— Instructions to follow —
In the entries below, some lines contain "spatial"; work out how many and answer with the figure only.

++++ Supplied material

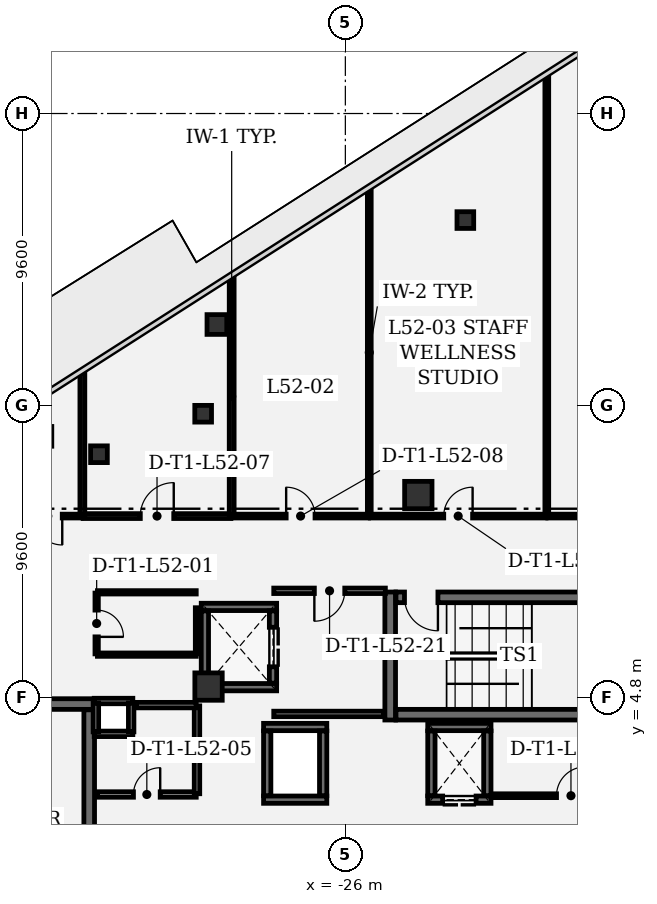
"""IFC4 building model, lengths in metres.
Left out: names, types, materials, properties, quantities, classifications, styles, units other than length and angle.
Written with IfcOpenShell. Run it as: python <this file> out.ifc"""

import sys

from ifc_helpers import new_model, si_unit, direction, frame, frame_2d, origin, origin_2d, place, context, subcontext, project, spatial, rectangle, extrude, element, fill, save


model = new_model("IFC4")
c1 = context("Model", 3, precision=1e-05, world=origin(), true_north=direction((0.0, 1.0)))
c2 = subcontext(c1, "Body", "Model", "MODEL_VIEW")
j1 = project(units=[si_unit("LENGTHUNIT", "METRE"), si_unit("PLANEANGLEUNIT", "RADIAN")], contexts=[c1])
p1 = place(None, origin())
s1 = spatial("IfcSite", under=j1, at=p1, CompositionType="ELEMENT")
p2 = place(p1, origin())
s2 = spatial("IfcBuilding", under=s1, at=p2, CompositionType="ELEMENT")
p3 = place(p2, frame((0.0, 0.0, 225.3)))
s3 = spatial("IfcBuildingStorey", under=s2, at=p3, CompositionType="ELEMENT", Elevation=225.3)
for number, where, z_axis, x_axis in (
    (1, (-23.6, 11.45, 0.0), (0.0, 0.0, 1.0), (1.0, 0.0, 0.0)),
    (2, (-30.5, 5.15, 0.0), (0.0, 0.0, 1.0), (1.0, 0.0, 0.0)),
):
    element("IfcColumn", number, at=place(p3, frame(where, z_axis=z_axis, x_axis=x_axis)), inside=s3, PredefinedType="COLUMN", context=c2, shape_type="SweptSolid", body=[
        extrude(rectangle(XDim=0.9, YDim=0.9, at=origin_2d()), origin(), (0.0, 0.0, 1.0), 4.05),
    ])
p4 = place(p3, frame((-30.225, 17.06, 0.0), z_axis=(0.0, 0.0, 1.0), x_axis=(1.0, 0.0, 0.0)))
e3 = element("IfcColumn", 3, at=p4, inside=s3, PredefinedType="COLUMN", context=c2, shape_type="SweptSolid", body=[
    extrude(rectangle(XDim=0.65, YDim=0.65, at=origin_2d()), origin(), (0.0, 0.0, 1.0), 4.05),
])
for number, where, z_axis, x_axis in (
    (4, (-34.104, 12.792, 0.0), (0.0, 0.0, 1.0), (1.0, 0.0, 0.0)),
    (5, (-22.053, 20.495, 0.0), (0.0, 0.0, 1.0), (1.0, 0.0, 0.0)),
    (6, (-30.677, 14.124, 0.0), (0.0, 0.0, 1.0), (1.0, 0.0, 0.0)),
):
    element("IfcColumn", number, at=place(p3, frame(where, z_axis=z_axis, x_axis=x_axis)), inside=s3, PredefinedType="COLUMN", context=c2, shape_type="SweptSolid", body=[
        extrude(rectangle(XDim=0.55, YDim=0.55, at=origin_2d()), origin(), (0.0, 0.0, 1.0), 4.05),
    ])
p5 = place(p3, frame((-24.525, 8.26, 0.0), z_axis=(0.0, 0.0, 1.0), x_axis=(0.0, -1.0, 0.0)))
e7 = element("IfcWall", 7, at=p5, inside=s3, PredefinedType="SHEAR", context=c2, shape_type="SweptSolid", body=[
    extrude(rectangle(XDim=4.21, YDim=0.35, at=frame_2d((2.105, 0.0))), origin(), (0.0, 0.0, 1.0), 3.78),
])
p6 = place(p3, frame((-24.335, 4.225, 0.0), z_axis=(0.0, 0.0, 1.0), x_axis=(1.0, 0.0, 0.0)))
e8 = element("IfcWall", 8, at=p6, inside=s3, PredefinedType="SHEAR", context=c2, shape_type="SweptSolid", body=[
    extrude(rectangle(XDim=8.12, YDim=0.35, at=frame_2d((4.06, 0.0))), origin(), (0.0, 0.0, 1.0), 3.78),
])
p7 = place(p3, frame((-16.215, 8.085, 0.0), z_axis=(0.0, 0.0, 1.0), x_axis=(-1.0, 0.0, 0.0)))
e9 = element("IfcWall", 9, at=p7, inside=s3, PredefinedType="SHEAR", context=c2, shape_type="SweptSolid", body=[
    extrude(rectangle(XDim=8.12, YDim=0.35, at=frame_2d((4.06, 0.0))), origin(), (0.0, 0.0, 1.0), 3.78),
])
p8 = place(p7, frame((6.74, 0.0, 0.0)))
e10 = element("IfcOpeningElement", 10, at=p8, cuts=e9, PredefinedType="OPENING", context=c2, shape_type="SweptSolid", body=[
    extrude(rectangle(XDim=1.1, YDim=2.2, at=frame_2d((0.55, 1.1))), frame((0.0, 0.185, 0.0), z_axis=(0.0, -1.0, 0.0), x_axis=(1.0, 0.0, 0.0)), (0.0, 0.0, 1.0), 0.37),
])
p9 = place(p3, frame((-34.25, 4.575, 0.0), z_axis=(0.0, 0.0, 1.0), x_axis=(-1.0, 0.0, 0.0)))
e11 = element("IfcWall", 11, at=p9, inside=s3, PredefinedType="SHEAR", context=c2, shape_type="SweptSolid", body=[
    extrude(rectangle(XDim=4.21, YDim=0.35, at=frame_2d((2.105, 0.0))), origin(), (0.0, 0.0, 1.0), 3.78),
])
p10 = place(p3, frame((-34.425, -4.385, 0.0), z_axis=(0.0, 0.0, 1.0), x_axis=(0.0, 1.0, 0.0)))
e12 = element("IfcWall", 12, at=p10, inside=s3, PredefinedType="SHEAR", context=c2, shape_type="SweptSolid", body=[
    extrude(rectangle(XDim=8.77, YDim=0.35, at=frame_2d((4.385, 0.0))), origin(), (0.0, 0.0, 1.0), 3.78),
])
for number, where, z_axis, x_axis in (
    (13, (-28.26, 5.13, 0.0), (0.0, 0.0, 1.0), (-1.0, 0.0, 0.0)),
    (14, (-30.74, 7.77, 0.0), (0.0, 0.0, 1.0), (1.0, 0.0, 0.0)),
):
    element("IfcWall", number, at=place(p3, frame(where, z_axis=z_axis, x_axis=x_axis)), inside=s3, PredefinedType="SHEAR", context=c2, shape_type="SweptSolid", body=[
        extrude(rectangle(XDim=2.48, YDim=0.24, at=frame_2d((1.24, 0.0))), origin(), (0.0, 0.0, 1.0), 3.78),
    ])
p11 = place(p3, frame((-30.62, 5.262, 0.0), z_axis=(0.0, 0.0, 1.0), x_axis=(0.0, 1.0, 0.0)))
e15 = element("IfcWall", 15, at=p11, inside=s3, PredefinedType="SHEAR", context=c2, shape_type="SweptSolid", body=[
    extrude(rectangle(XDim=2.376, YDim=0.24, at=frame_2d((1.188, 0.0))), origin(), (0.0, 0.0, 1.0), 3.78),
])
p12 = place(p3, frame((-28.38, 7.638, 0.0), z_axis=(0.0, 0.0, 1.0), x_axis=(0.0, -1.0, 0.0)))
e16 = element("IfcWall", 16, at=p12, inside=s3, PredefinedType="SHEAR", context=c2, shape_type="SweptSolid", body=[
    extrude(rectangle(XDim=2.376, YDim=0.24, at=frame_2d((1.188, 0.0))), origin(), (0.0, 0.0, 1.0), 3.78),
])
p13 = place(p12, frame((0.538, 0.0, 0.0)))
e17 = element("IfcOpeningElement", 17, at=p13, cuts=e16, PredefinedType="OPENING", context=c2, shape_type="SweptSolid", body=[
    extrude(rectangle(XDim=1.3, YDim=2.3, at=frame_2d((0.65, 1.15))), frame((0.0, 0.13, 0.0), z_axis=(0.0, -1.0, 0.0), x_axis=(1.0, 0.0, 0.0)), (0.0, 0.0, 1.0), 0.26),
])
for number, where, z_axis, x_axis in (
    (18, (-26.61, 1.43, 0.0), (0.0, 0.0, 1.0), (-1.0, 0.0, 0.0)),
    (19, (-28.69, 3.82, 0.0), (0.0, 0.0, 1.0), (1.0, 0.0, 0.0)),
):
    element("IfcWall", number, at=place(p3, frame(where, z_axis=z_axis, x_axis=x_axis)), inside=s3, PredefinedType="SHEAR", context=c2, shape_type="SweptSolid", body=[
        extrude(rectangle(XDim=2.08, YDim=0.24, at=frame_2d((1.04, 0.0))), origin(), (0.0, 0.0, 1.0), 3.78),
    ])
for number, where, z_axis, x_axis in (
    (20, (-28.57, 1.562, 0.0), (0.0, 0.0, 1.0), (0.0, 1.0, 0.0)),
    (21, (-26.73, 3.688, 0.0), (0.0, 0.0, 1.0), (0.0, -1.0, 0.0)),
):
    element("IfcWall", number, at=place(p3, frame(where, z_axis=z_axis, x_axis=x_axis)), inside=s3, PredefinedType="SHEAR", context=c2, shape_type="SweptSolid", body=[
        extrude(rectangle(XDim=2.126, YDim=0.24, at=frame_2d((1.063, 0.0))), origin(), (0.0, 0.0, 1.0), 3.78),
    ])
p14 = place(p3, frame((-21.21, 1.43, 0.0), z_axis=(0.0, 0.0, 1.0), x_axis=(-1.0, 0.0, 0.0)))
e22 = element("IfcWall", 22, at=p14, inside=s3, PredefinedType="SHEAR", context=c2, shape_type="SweptSolid", body=[
    extrude(rectangle(XDim=2.08, YDim=0.24, at=frame_2d((1.04, 0.0))), origin(), (0.0, 0.0, 1.0), 3.78),
])
p15 = place(p14, frame((0.49, 0.0, 0.0)))
e23 = element("IfcOpeningElement", 23, at=p15, cuts=e22, PredefinedType="OPENING", context=c2, shape_type="SweptSolid", body=[
    extrude(rectangle(XDim=1.1, YDim=2.2, at=frame_2d((0.55, 1.1))), frame((0.0, 0.13, 0.0), z_axis=(0.0, -1.0, 0.0), x_axis=(1.0, 0.0, 0.0)), (0.0, 0.0, 1.0), 0.26),
])
p16 = place(p3, frame((-23.29, 3.82, 0.0), z_axis=(0.0, 0.0, 1.0), x_axis=(1.0, 0.0, 0.0)))
e24 = element("IfcWall", 24, at=p16, inside=s3, PredefinedType="SHEAR", context=c2, shape_type="SweptSolid", body=[
    extrude(rectangle(XDim=2.08, YDim=0.24, at=frame_2d((1.04, 0.0))), origin(), (0.0, 0.0, 1.0), 3.78),
])
for number, where, z_axis, x_axis in (
    (25, (-23.17, 1.562, 0.0), (0.0, 0.0, 1.0), (0.0, 1.0, 0.0)),
    (26, (-21.33, 3.688, 0.0), (0.0, 0.0, 1.0), (0.0, -1.0, 0.0)),
):
    element("IfcWall", number, at=place(p3, frame(where, z_axis=z_axis, x_axis=x_axis)), inside=s3, PredefinedType="SHEAR", context=c2, shape_type="SweptSolid", body=[
        extrude(rectangle(XDim=2.126, YDim=0.24, at=frame_2d((1.063, 0.0))), origin(), (0.0, 0.0, 1.0), 3.78),
    ])
for number, where, z_axis, x_axis in (
    (27, (-32.99, 3.595, 0.0), (0.0, 0.0, 1.0), (-1.0, 0.0, 0.0)),
    (28, (-34.26, 4.675, 0.0), (0.0, 0.0, 1.0), (1.0, 0.0, 0.0)),
):
    element("IfcWall", number, at=place(p3, frame(where, z_axis=z_axis, x_axis=x_axis)), inside=s3, PredefinedType="PARTITIONING", context=c2, shape_type="SweptSolid", body=[
        extrude(rectangle(XDim=1.27, YDim=0.18, at=frame_2d((0.635, 0.0))), origin(), (0.0, 0.0, 1.0), 3.78),
    ])
for number, where, z_axis, x_axis in (
    (29, (-34.205, 3.66, 0.0), (0.0, 0.0, 1.0), (0.0, 1.0, 0.0)),
    (30, (-33.045, 4.61, 0.0), (0.0, 0.0, 1.0), (0.0, -1.0, 0.0)),
):
    element("IfcWall", number, at=place(p3, frame(where, z_axis=z_axis, x_axis=x_axis)), inside=s3, PredefinedType="PARTITIONING", context=c2, shape_type="SweptSolid", body=[
        extrude(rectangle(XDim=0.95, YDim=0.18, at=frame_2d((0.475, 0.0))), origin(), (0.0, 0.0, 1.0), 3.78),
    ])
p17 = place(p3, frame((-28.355, 4.25, 0.0), z_axis=(0.0, 0.0, 1.0), x_axis=(1.0, 0.0, 0.0)))
e31 = element("IfcWall", 31, at=p17, inside=s3, PredefinedType="PARTITIONING", context=c2, shape_type="SweptSolid", body=[
    extrude(rectangle(XDim=3.622, YDim=0.18, at=frame_2d((1.811, 0.0))), origin(), (0.0, 0.0, 1.0), 3.78),
])
p18 = place(p3, frame((-24.684, 8.3, 0.0), z_axis=(0.0, 0.0, 1.0), x_axis=(-1.0, 0.0, 0.0)))
e32 = element("IfcWall", 32, at=p18, inside=s3, PredefinedType="PARTITIONING", context=c2, shape_type="SweptSolid", body=[
    extrude(rectangle(XDim=3.671, YDim=0.18, at=frame_2d((1.835, 0.0))), origin(), (0.0, 0.0, 1.0), 3.78),
])
p19 = place(p18, frame((1.335, 0.0, 0.0)))
e33 = element("IfcOpeningElement", 33, at=p19, cuts=e32, PredefinedType="OPENING", context=c2, shape_type="SweptSolid", body=[
    extrude(rectangle(XDim=1.0, YDim=2.15, at=frame_2d((0.5, 1.075))), frame((0.0, 0.1, 0.0), z_axis=(0.0, -1.0, 0.0), x_axis=(1.0, 0.0, 0.0)), (0.0, 0.0, 1.0), 0.2),
])
p20 = place(p3, frame((-34.18, 8.225, 0.0), z_axis=(0.0, 0.0, 1.0), x_axis=(0.0, -1.0, 0.0)))
e34 = element("IfcWall", 34, at=p20, inside=s3, PredefinedType="PARTITIONING", context=c2, shape_type="SweptSolid", body=[
    extrude(rectangle(XDim=2.0, YDim=0.11, at=frame_2d((1.0, 0.0))), origin(), (0.0, 0.0, 1.0), 3.78),
])
p21 = place(p20, frame((0.56, 0.0, 0.0)))
e35 = element("IfcOpeningElement", 35, at=p21, cuts=e34, PredefinedType="OPENING", context=c2, shape_type="SweptSolid", body=[
    extrude(rectangle(XDim=0.88, YDim=2.1, at=frame_2d((0.44, 1.05))), frame((0.0, 0.065, 0.0), z_axis=(0.0, -1.0, 0.0), x_axis=(1.0, 0.0, 0.0)), (0.0, 0.0, 1.0), 0.13),
])
p22 = place(p3, frame((-34.155, 6.2, 0.0), z_axis=(0.0, 0.0, 1.0), x_axis=(1.0, 0.0, 0.0)))
e36 = element("IfcWall", 36, at=p22, inside=s3, PredefinedType="PARTITIONING", context=c2, shape_type="SweptSolid", body=[
    extrude(rectangle(XDim=3.25, YDim=0.11, at=frame_2d((1.625, 0.0))), origin(), (0.0, 0.0, 1.0), 3.344),
])
p23 = place(p3, frame((-30.88, 6.225, 0.0), z_axis=(0.0, 0.0, 1.0), x_axis=(0.0, 1.0, 0.0)))
e37 = element("IfcWall", 37, at=p23, inside=s3, PredefinedType="PARTITIONING", context=c2, shape_type="SweptSolid", body=[
    extrude(rectangle(XDim=1.518, YDim=0.11, at=frame_2d((0.759, 0.0))), origin(), (0.0, 0.0, 1.0), 3.78),
])
p24 = place(p3, frame((-30.905, 8.25, 0.0), z_axis=(0.0, 0.0, 1.0), x_axis=(-1.0, 0.0, 0.0)))
e38 = element("IfcWall", 38, at=p24, inside=s3, PredefinedType="PARTITIONING", context=c2, shape_type="SweptSolid", body=[
    extrude(rectangle(XDim=3.25, YDim=0.11, at=frame_2d((1.625, 0.0))), origin(), (0.0, 0.0, 1.0), 3.78),
])
p25 = place(p3, frame((-21.134, 1.56, 0.0), z_axis=(0.0, 0.0, 1.0), x_axis=(1.0, 0.0, 0.0)))
e39 = element("IfcWall", 39, at=p25, inside=s3, PredefinedType="PARTITIONING", context=c2, shape_type="SweptSolid", body=[
    extrude(rectangle(XDim=5.109, YDim=0.125, at=frame_2d((2.554, 0.0))), origin(), (0.0, 0.0, 1.0), 3.78),
])
p26 = place(p25, frame((2.079, 0.0, 0.0)))
e40 = element("IfcOpeningElement", 40, at=p26, cuts=e39, PredefinedType="OPENING", context=c2, shape_type="SweptSolid", body=[
    extrude(rectangle(XDim=0.95, YDim=2.15, at=frame_2d((0.475, 1.075))), frame((0.0, 0.073, 0.0), z_axis=(0.0, -1.0, 0.0), x_axis=(1.0, 0.0, 0.0)), (0.0, 0.0, 1.0), 0.145),
])
p27 = place(p3, frame((-34.155, 1.6, 0.0), z_axis=(0.0, 0.0, 1.0), x_axis=(1.0, 0.0, 0.0)))
e41 = element("IfcWall", 41, at=p27, inside=s3, PredefinedType="PARTITIONING", context=c2, shape_type="SweptSolid", body=[
    extrude(rectangle(XDim=3.25, YDim=0.18, at=frame_2d((1.625, 0.0))), origin(), (0.0, 0.0, 1.0), 3.78),
])
p28 = place(p27, frame((1.185, 0.0, 0.0)))
e42 = element("IfcOpeningElement", 42, at=p28, cuts=e41, PredefinedType="OPENING", context=c2, shape_type="SweptSolid", body=[
    extrude(rectangle(XDim=0.88, YDim=2.1, at=frame_2d((0.44, 1.05))), frame((0.0, 0.1, 0.0), z_axis=(0.0, -1.0, 0.0), x_axis=(1.0, 0.0, 0.0)), (0.0, 0.0, 1.0), 0.2),
])
p29 = place(p3, frame((-30.88, 1.625, 0.0), z_axis=(0.0, 0.0, 1.0), x_axis=(0.0, 1.0, 0.0)))
e43 = element("IfcWall", 43, at=p29, inside=s3, PredefinedType="PARTITIONING", context=c2, shape_type="SweptSolid", body=[
    extrude(rectangle(XDim=2.89, YDim=0.18, at=frame_2d((1.445, 0.0))), origin(), (0.0, 0.0, 1.0), 3.78),
])
p30 = place(p3, frame((-30.905, 4.54, 0.0), z_axis=(0.0, 0.0, 1.0), x_axis=(-1.0, 0.0, 0.0)))
e44 = element("IfcWall", 44, at=p30, inside=s3, PredefinedType="PARTITIONING", context=c2, shape_type="SweptSolid", body=[
    extrude(rectangle(XDim=1.975, YDim=0.18, at=frame_2d((0.988, 0.0))), origin(), (0.0, 0.0, 1.0), 3.78),
])
p31 = place(p3, frame((-34.625, 10.758, 0.0), z_axis=(0.0, 0.0, 1.0), x_axis=(1.0, 0.0, 0.0)))
e45 = element("IfcWall", 45, at=p31, inside=s3, PredefinedType="PARTITIONING", context=c2, shape_type="SweptSolid", body=[
    extrude(rectangle(XDim=4.861, YDim=0.16, at=frame_2d((2.431, 0.0))), origin(), (0.0, 0.0, 1.0), 3.0),
])
p32 = place(p31, frame((1.881, 0.0, 0.0)))
e46 = element("IfcOpeningElement", 46, at=p32, cuts=e45, PredefinedType="OPENING", context=c2, shape_type="SweptSolid", body=[
    extrude(rectangle(XDim=1.1, YDim=2.15, at=frame_2d((0.55, 1.075))), frame((0.0, 0.09, 0.0), z_axis=(0.0, -1.0, 0.0), x_axis=(1.0, 0.0, 0.0)), (0.0, 0.0, 1.0), 0.18),
])
p33 = place(p3, frame((-29.739, 10.783, 0.0), z_axis=(0.0, 0.0, 1.0), x_axis=(0.0, 1.0, 0.0)))
e47 = element("IfcWall", 47, at=p33, inside=s3, PredefinedType="PARTITIONING", context=c2, shape_type="SweptSolid", body=[
    extrude(rectangle(XDim=7.818, YDim=0.16, at=frame_2d((3.909, 0.0))), origin(), (0.0, 0.0, 1.0), 3.78),
])
p34 = place(p3, frame((-34.65, 15.462, 0.0), z_axis=(0.0, 0.0, 1.0), x_axis=(0.0, -1.0, 0.0)))
e48 = element("IfcWall", 48, at=p34, inside=s3, PredefinedType="PARTITIONING", context=c2, shape_type="SweptSolid", body=[
    extrude(rectangle(XDim=4.679, YDim=0.16, at=frame_2d((2.339, 0.0))), origin(), (0.0, 0.0, 1.0), 3.78),
])
p35 = place(p3, frame((-29.706, 10.758, 0.0), z_axis=(0.0, 0.0, 1.0), x_axis=(1.0, 0.0, 0.0)))
e49 = element("IfcWall", 49, at=p35, inside=s3, PredefinedType="PARTITIONING", context=c2, shape_type="SweptSolid", body=[
    extrude(rectangle(XDim=4.468, YDim=0.125, at=frame_2d((2.234, 0.0))), origin(), (0.0, 0.0, 1.0), 3.78),
])
p36 = place(p35, frame((1.759, 0.0, 0.0)))
e50 = element("IfcOpeningElement", 50, at=p36, cuts=e49, PredefinedType="OPENING", context=c2, shape_type="SweptSolid", body=[
    extrude(rectangle(XDim=0.95, YDim=2.15, at=frame_2d((0.475, 1.075))), frame((0.0, 0.073, 0.0), z_axis=(0.0, -1.0, 0.0), x_axis=(1.0, 0.0, 0.0)), (0.0, 0.0, 1.0), 0.145),
])
p37 = place(p3, frame((-25.213, 10.783, 0.0), z_axis=(0.0, 0.0, 1.0), x_axis=(0.0, 1.0, 0.0)))
e51 = element("IfcWall", 51, at=p37, inside=s3, PredefinedType="PARTITIONING", context=c2, shape_type="SweptSolid", body=[
    extrude(rectangle(XDim=10.71, YDim=0.125, at=frame_2d((5.355, 0.0))), origin(), (0.0, 0.0, 1.0), 3.78),
])
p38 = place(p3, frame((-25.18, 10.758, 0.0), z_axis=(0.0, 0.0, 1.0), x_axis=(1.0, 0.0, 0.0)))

++++++++

— Completed exercise —
4